From the first line to the last, restate the material word for word; pictures stay out.
══ Records for processing
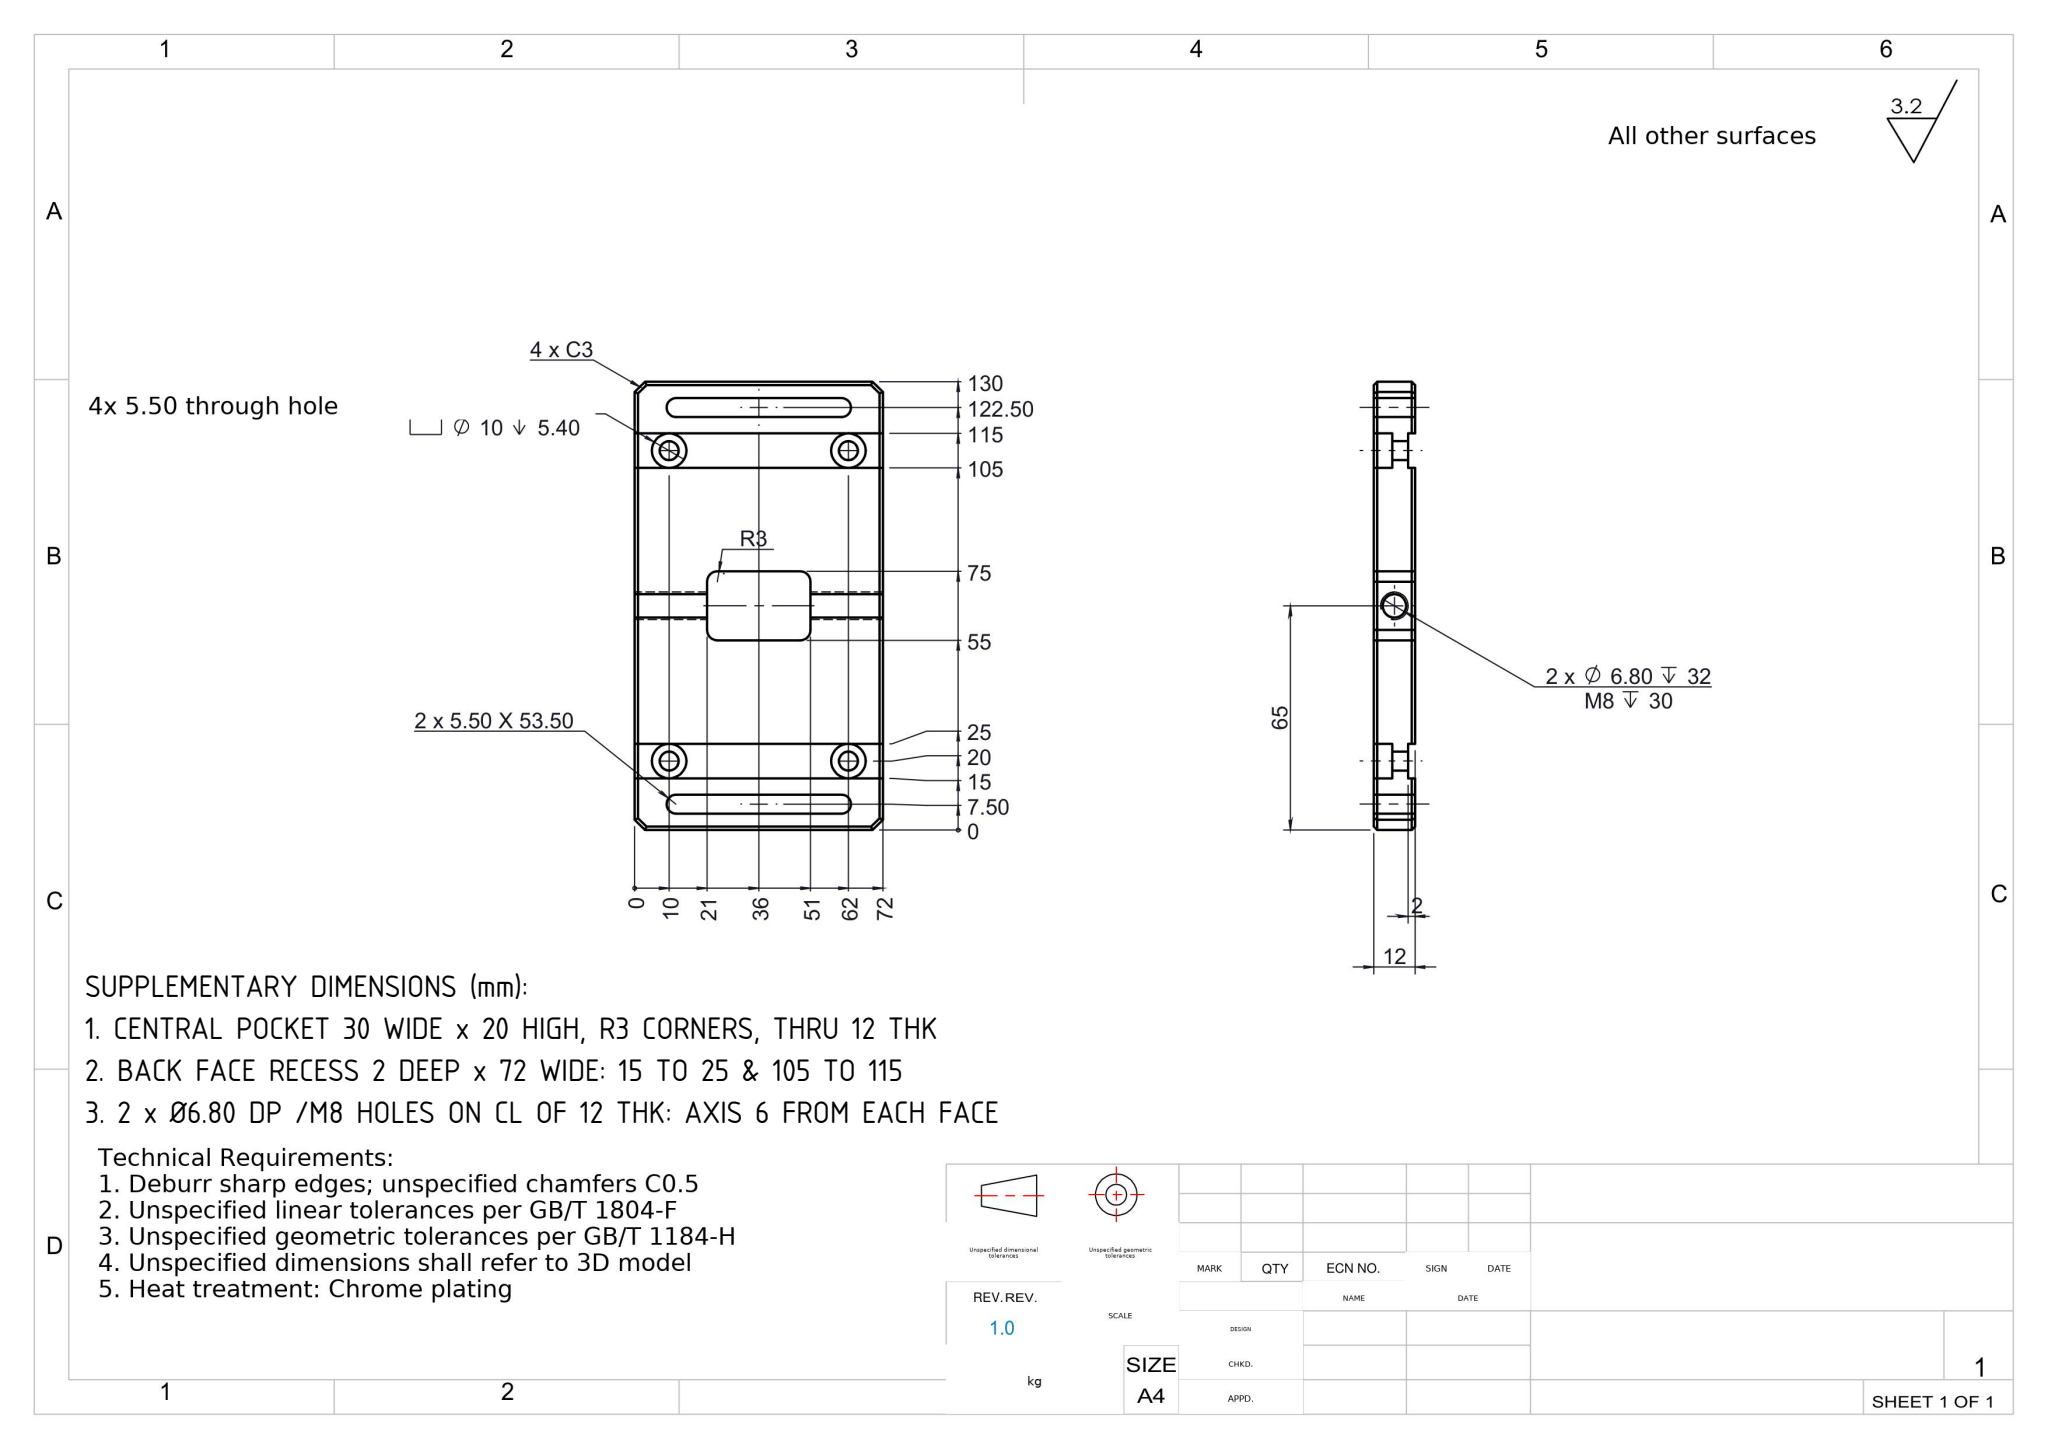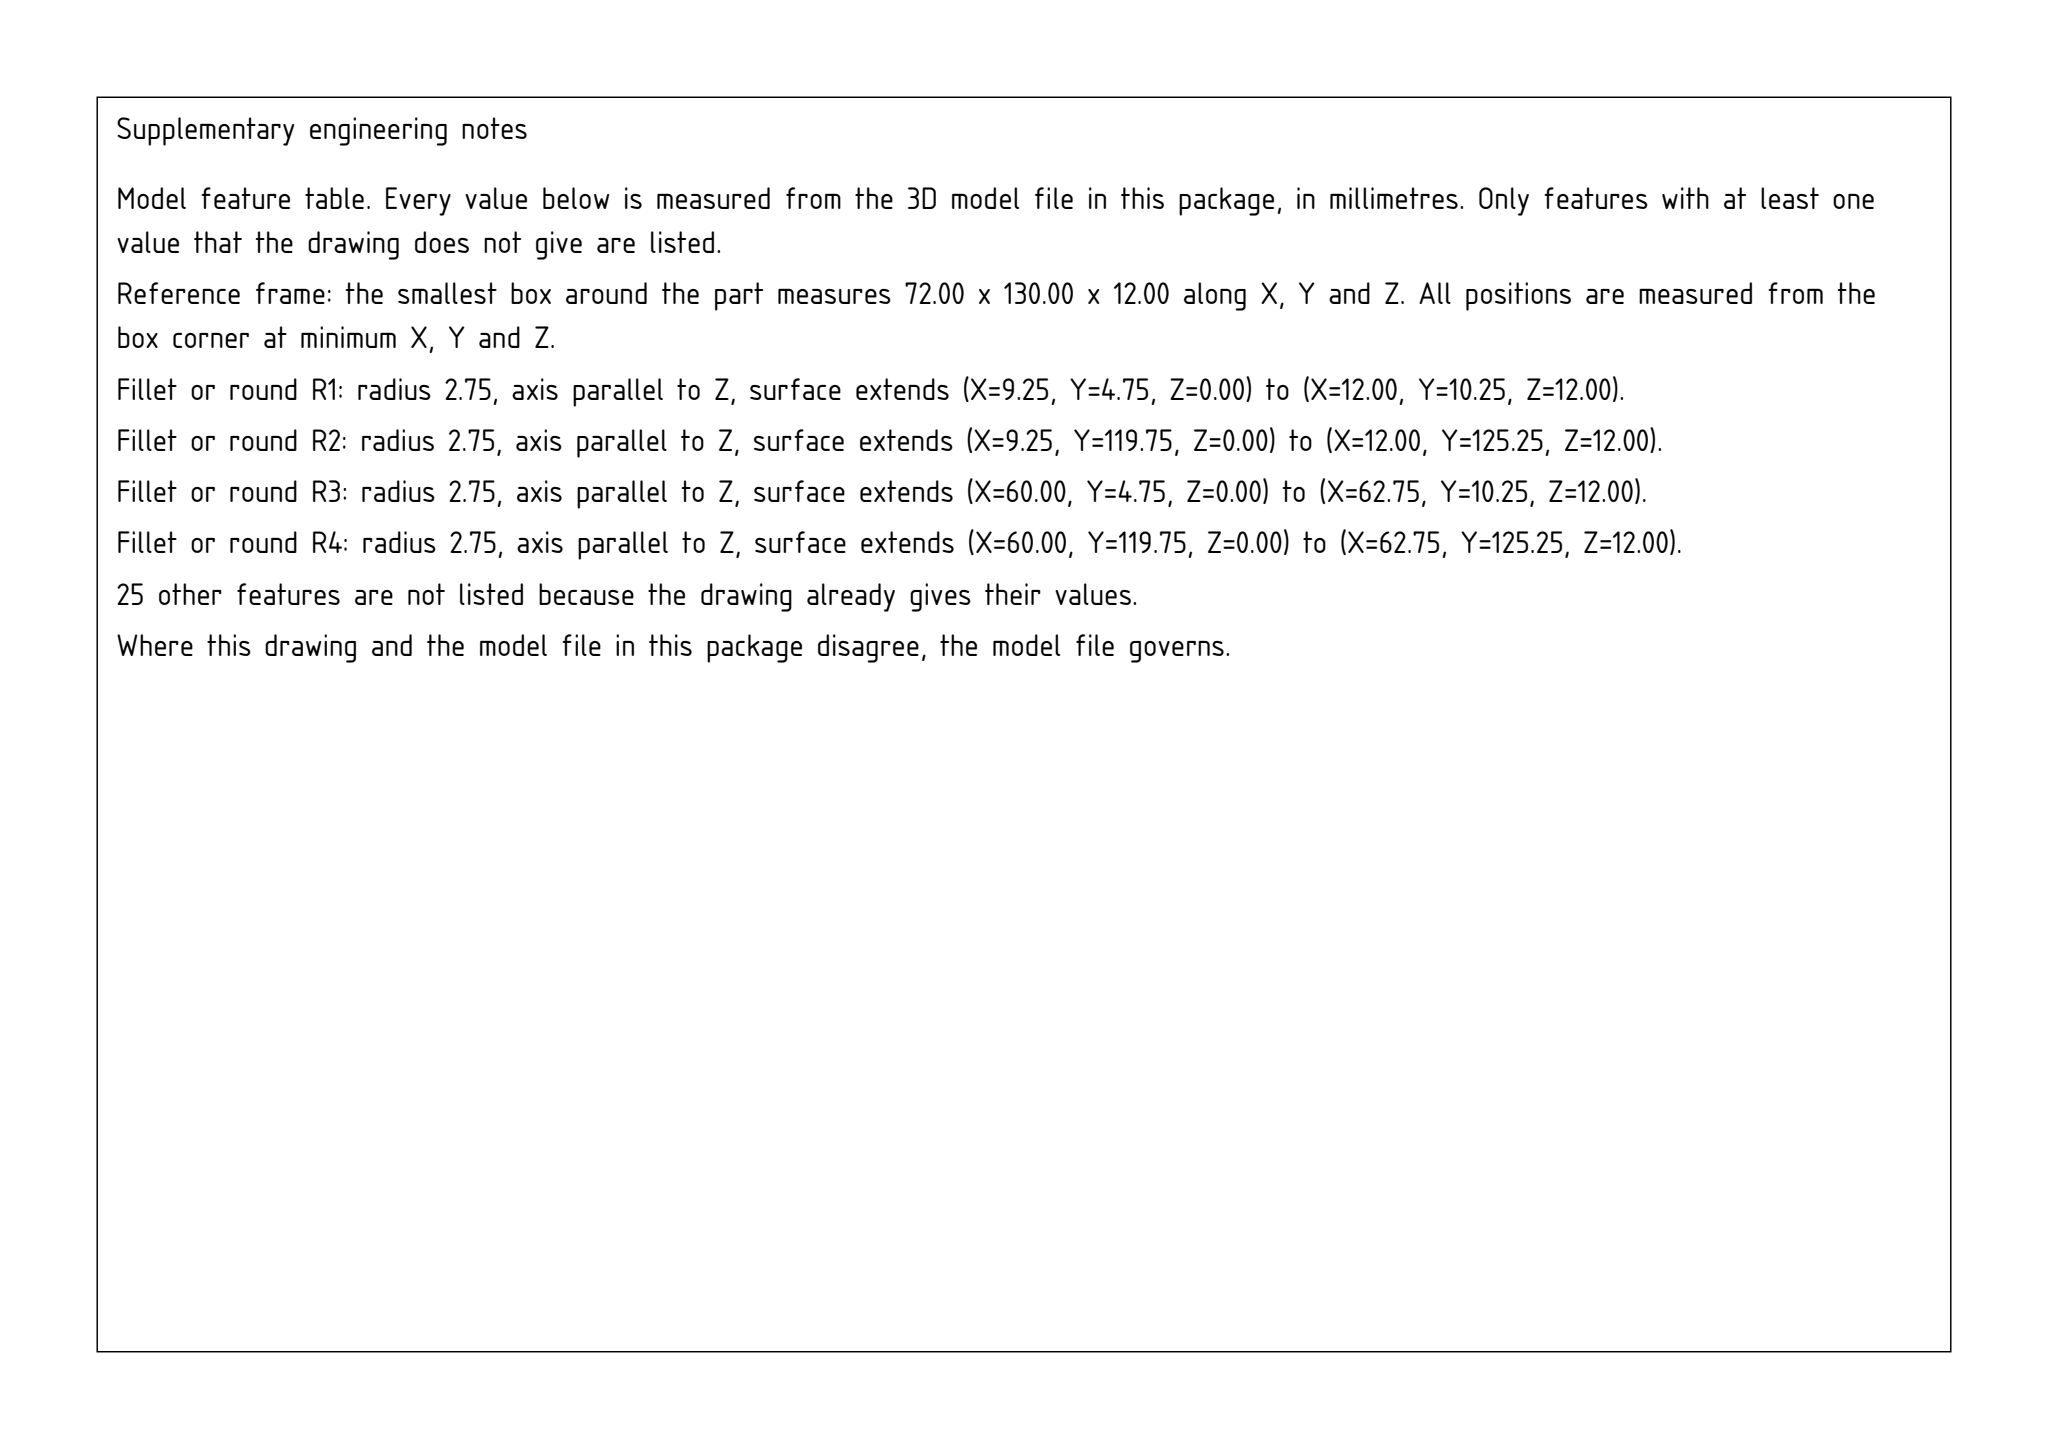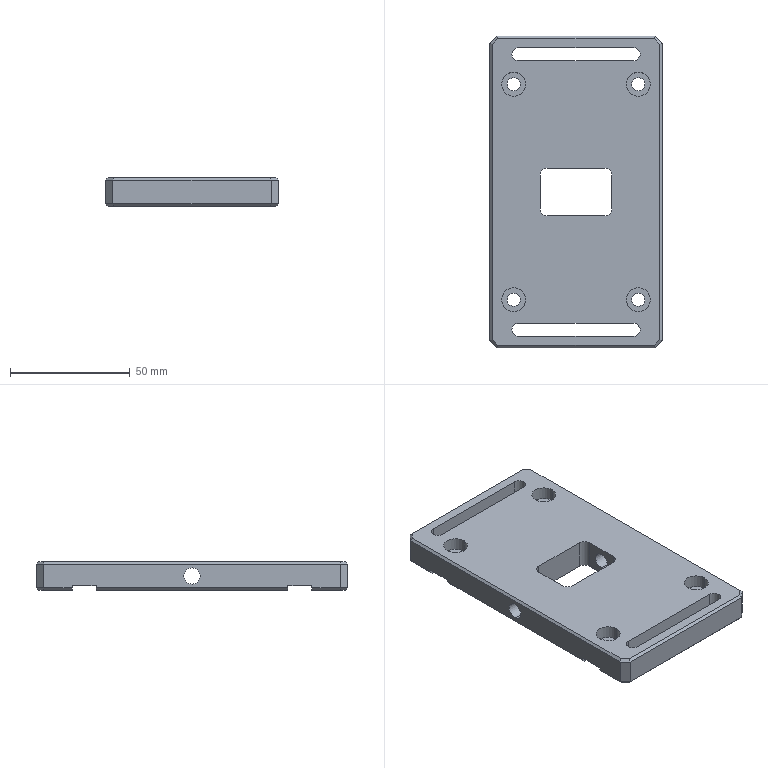Part | SolidWorks | mm | 1 solid | 80 faces | box 72 x 130 x 12 mm | volume 91177 mm3 | plane 50 | cylinder 30 | commonest cylinder face diameters 5.5 x14 10 x8 6.8 x4 6 x4
build123d program:
from build123d import *

# Parameters (mm, degrees)
SKETCH1_W                                       = 72
SKETCH1_H                                       = 130
BOSS_EXTRUDE1_DEPTH                             = 12
CHAMFER1_SIZE                                   = 3
CHAMFER2_SIZE                                   = 1
SKETCH2_W                                       = 2
SKETCH2_H                                       = 10
CUT_EXTRUDE1_DEPTH                              = 98.739
M5_HEX_SOCKET_HEAD_CAP_SCREW_CBORE1_D           = 5.5
M5_HEX_SOCKET_HEAD_CAP_SCREW_CBORE1_CBORE_D     = 10
M5_HEX_SOCKET_HEAD_CAP_SCREW_CBORE1_CBORE_DEPTH = 5.4
CUT_EXTRUDE2_DEPTH                              = 76.266
SKETCH9_W                                       = 30
SKETCH9_H                                       = 20
CUT_EXTRUDE3_DEPTH                              = 76.266
FILLET1_R                                       = 3


with BuildPart() as part:
    # Sketch1 → Boss-Extrude1 (new body)
    with BuildSketch(Plane.XY):
        Rectangle(SKETCH1_W, SKETCH1_H)
    extrude(amount=BOSS_EXTRUDE1_DEPTH)

    # Chamfer1
    chamfer1_edges = [part.edges().sort_by_distance(p)[0] for p in [
        (36, -65, 6),
        (-36, -65, 6),
        (-36, 65, 6),
        (36, 65, 6),
    ]]
    chamfer(chamfer1_edges, length=CHAMFER1_SIZE)

    # Chamfer2
    chamfer2_edges = [part.edges().sort_by_distance(p)[0] for p in [
        (-36, 0, 0),
        (-36, 0, 12),
        (36, 0, 0),
        (0, -65, 0),
        (0, 65, 0),
        (34.5, -63.5, 0),
        (-34.5, -63.5, 0),
        (34.5, 63.5, 0),
        (-34.5, 63.5, 0),
        (0, 65, 12),
        (36, 0, 12),
        (0, -65, 12),
        (34.5, -63.5, 12),
        (-34.5, -63.5, 12),
        (34.5, 63.5, 12),
        (-34.5, 63.5, 12),
    ]]
    chamfer(chamfer2_edges, length=CHAMFER2_SIZE)

    # Sketch2 → Cut-Extrude1 (cut, through all)
    with BuildSketch(Plane(origin=(36, 0, 0), x_dir=(0, 0, -1), z_dir=(1, 0, 0))):
        with Locations((-1, 45)):
            Rectangle(SKETCH2_W, SKETCH2_H)
        with Locations((-1, -45)):
            Rectangle(SKETCH2_W, SKETCH2_H)
    extrude(amount=-CUT_EXTRUDE1_DEPTH, mode=Mode.SUBTRACT)

    # M5 Hex Socket Head Cap Screw CBORE1 (through all)
    with Locations(Plane.XY.offset(12)):
        with Locations((26, -45), (-26, -45), (-26, 45), (26, 45)):
            CounterBoreHole(M5_HEX_SOCKET_HEAD_CAP_SCREW_CBORE1_D / 2, M5_HEX_SOCKET_HEAD_CAP_SCREW_CBORE1_CBORE_D / 2, M5_HEX_SOCKET_HEAD_CAP_SCREW_CBORE1_CBORE_DEPTH)

    # Sketch5 → Cut-Extrude2 (cut, through all)
    with BuildSketch(Plane(origin=(0, 0, 0), x_dir=(-1, 0, 0), z_dir=(0, 0, -1))):
        with BuildLine():
            Line((-24, 60.25), (24, 60.25))
            ThreePointArc((24, 60.25), (26.75, 57.5), (24, 54.75))
            Line((24, 54.75), (-24, 54.75))
            ThreePointArc((-24, 54.75), (-26.75, 57.5), (-24, 60.25))
        make_face()
        with BuildLine():
            Line((-24, -60.25), (24, -60.25))
            ThreePointArc((24, -60.25), (26.75, -57.5), (24, -54.75))
            Line((24, -54.75), (-24, -54.75))
            ThreePointArc((-24, -54.75), (-26.75, -57.5), (-24, -60.25))
        make_face()
    extrude(amount=-CUT_EXTRUDE2_DEPTH, mode=Mode.SUBTRACT)

    # Sketch7 → M8 Tapped Hole1 (revolve, cut)
    with BuildSketch(Plane(origin=(36, 0, 6), x_dir=(0, 0, -1), z_dir=(0, 1, 0))):
        Polygon((0, 0), (0, 34.043), (3.4, 32), (3.4, 0), align=None)
    m8_tapped_hole1 = revolve(axis=Axis((42.35, 0, 6), (-1, 0, 0)), mode=Mode.SUBTRACT)

    # Mirror1: M8 Tapped Hole1 across plane
    add(m8_tapped_hole1.mirror(Plane(origin=(0, 0, 0), x_dir=(0, 0, 1), z_dir=(1, 0, 0))), mode=Mode.SUBTRACT)

    # Sketch9 → Cut-Extrude3 (cut, through all)
    with BuildSketch(Plane(origin=(0, 0, 0), x_dir=(-1, 0, 0), z_dir=(0, 0, -1))):
        Rectangle(SKETCH9_W, SKETCH9_H)
    extrude(amount=-CUT_EXTRUDE3_DEPTH, mode=Mode.SUBTRACT)

    # Fillet1
    fillet1_edges = [part.edges().sort_by_distance(p)[0] for p in [
        (15, -10, 6),
        (-15, 10, 6),
        (-15, -10, 6),
        (15, 10, 6),
    ]]
    fillet(fillet1_edges, radius=FILLET1_R)


solid = part.part
════
Written response:
Part | SolidWorks | mm | 1 solid | 80 faces | box 72 x 130 x 12 mm | volume 91177 mm3 | plane 50 | cylinder 30 | commonest cylinder face diameters 5.5 x14 10 x8 6.8 x4 6 x4
build123d program:
from build123d import *

# Parameters (mm, degrees)
SKETCH1_W                                       = 72
SKETCH1_H                                       = 130
BOSS_EXTRUDE1_DEPTH                             = 12
CHAMFER1_SIZE                                   = 3
CHAMFER2_SIZE                                   = 1
SKETCH2_W                                       = 2
SKETCH2_H                                       = 10
CUT_EXTRUDE1_DEPTH                              = 98.739
M5_HEX_SOCKET_HEAD_CAP_SCREW_CBORE1_D           = 5.5
M5_HEX_SOCKET_HEAD_CAP_SCREW_CBORE1_CBORE_D     = 10
M5_HEX_SOCKET_HEAD_CAP_SCREW_CBORE1_CBORE_DEPTH = 5.4
CUT_EXTRUDE2_DEPTH                              = 76.266
SKETCH9_W                                       = 30
SKETCH9_H                                       = 20
CUT_EXTRUDE3_DEPTH                              = 76.266
FILLET1_R                                       = 3


with BuildPart() as part:
    # Sketch1 → Boss-Extrude1 (new body)
    with BuildSketch(Plane.XY):
        Rectangle(SKETCH1_W, SKETCH1_H)
    extrude(amount=BOSS_EXTRUDE1_DEPTH)

    # Chamfer1
    chamfer1_edges = [part.edges().sort_by_distance(p)[0] for p in [
        (36, -65, 6),
        (-36, -65, 6),
        (-36, 65, 6),
        (36, 65, 6),
    ]]
    chamfer(chamfer1_edges, length=CHAMFER1_SIZE)

    # Chamfer2
    chamfer2_edges = [part.edges().sort_by_distance(p)[0] for p in [
        (-36, 0, 0),
        (-36, 0, 12),
        (36, 0, 0),
        (0, -65, 0),
        (0, 65, 0),
        (34.5, -63.5, 0),
        (-34.5, -63.5, 0),
        (34.5, 63.5, 0),
        (-34.5, 63.5, 0),
        (0, 65, 12),
        (36, 0, 12),
        (0, -65, 12),
        (34.5, -63.5, 12),
        (-34.5, -63.5, 12),
        (34.5, 63.5, 12),
        (-34.5, 63.5, 12),
    ]]
    chamfer(chamfer2_edges, length=CHAMFER2_SIZE)

    # Sketch2 → Cut-Extrude1 (cut, through all)
    with BuildSketch(Plane(origin=(36, 0, 0), x_dir=(0, 0, -1), z_dir=(1, 0, 0))):
        with Locations((-1, 45)):
            Rectangle(SKETCH2_W, SKETCH2_H)
        with Locations((-1, -45)):
            Rectangle(SKETCH2_W, SKETCH2_H)
    extrude(amount=-CUT_EXTRUDE1_DEPTH, mode=Mode.SUBTRACT)

    # M5 Hex Socket Head Cap Screw CBORE1 (through all)
    with Locations(Plane.XY.offset(12)):
        with Locations((26, -45), (-26, -45), (-26, 45), (26, 45)):
            CounterBoreHole(M5_HEX_SOCKET_HEAD_CAP_SCREW_CBORE1_D / 2, M5_HEX_SOCKET_HEAD_CAP_SCREW_CBORE1_CBORE_D / 2, M5_HEX_SOCKET_HEAD_CAP_SCREW_CBORE1_CBORE_DEPTH)

    # Sketch5 → Cut-Extrude2 (cut, through all)
    with BuildSketch(Plane(origin=(0, 0, 0), x_dir=(-1, 0, 0), z_dir=(0, 0, -1))):
        with BuildLine():
            Line((-24, 60.25), (24, 60.25))
            ThreePointArc((24, 60.25), (26.75, 57.5), (24, 54.75))
            Line((24, 54.75), (-24, 54.75))
            ThreePointArc((-24, 54.75), (-26.75, 57.5), (-24, 60.25))
        make_face()
        with BuildLine():
            Line((-24, -60.25), (24, -60.25))
            ThreePointArc((24, -60.25), (26.75, -57.5), (24, -54.75))
            Line((24, -54.75), (-24, -54.75))
            ThreePointArc((-24, -54.75), (-26.75, -57.5), (-24, -60.25))
        make_face()
    extrude(amount=-CUT_EXTRUDE2_DEPTH, mode=Mode.SUBTRACT)

    # Sketch7 → M8 Tapped Hole1 (revolve, cut)
    with BuildSketch(Plane(origin=(36, 0, 6), x_dir=(0, 0, -1), z_dir=(0, 1, 0))):
        Polygon((0, 0), (0, 34.043), (3.4, 32), (3.4, 0), align=None)
    m8_tapped_hole1 = revolve(axis=Axis((42.35, 0, 6), (-1, 0, 0)), mode=Mode.SUBTRACT)

    # Mirror1: M8 Tapped Hole1 across plane
    add(m8_tapped_hole1.mirror(Plane(origin=(0, 0, 0), x_dir=(0, 0, 1), z_dir=(1, 0, 0))), mode=Mode.SUBTRACT)

    # Sketch9 → Cut-Extrude3 (cut, through all)
    with BuildSketch(Plane(origin=(0, 0, 0), x_dir=(-1, 0, 0), z_dir=(0, 0, -1))):
        Rectangle(SKETCH9_W, SKETCH9_H)
    extrude(amount=-CUT_EXTRUDE3_DEPTH, mode=Mode.SUBTRACT)

    # Fillet1
    fillet1_edges = [part.edges().sort_by_distance(p)[0] for p in [
        (15, -10, 6),
        (-15, 10, 6),
        (-15, -10, 6),
        (15, 10, 6),
    ]]
    fillet(fillet1_edges, radius=FILLET1_R)


solid = part.part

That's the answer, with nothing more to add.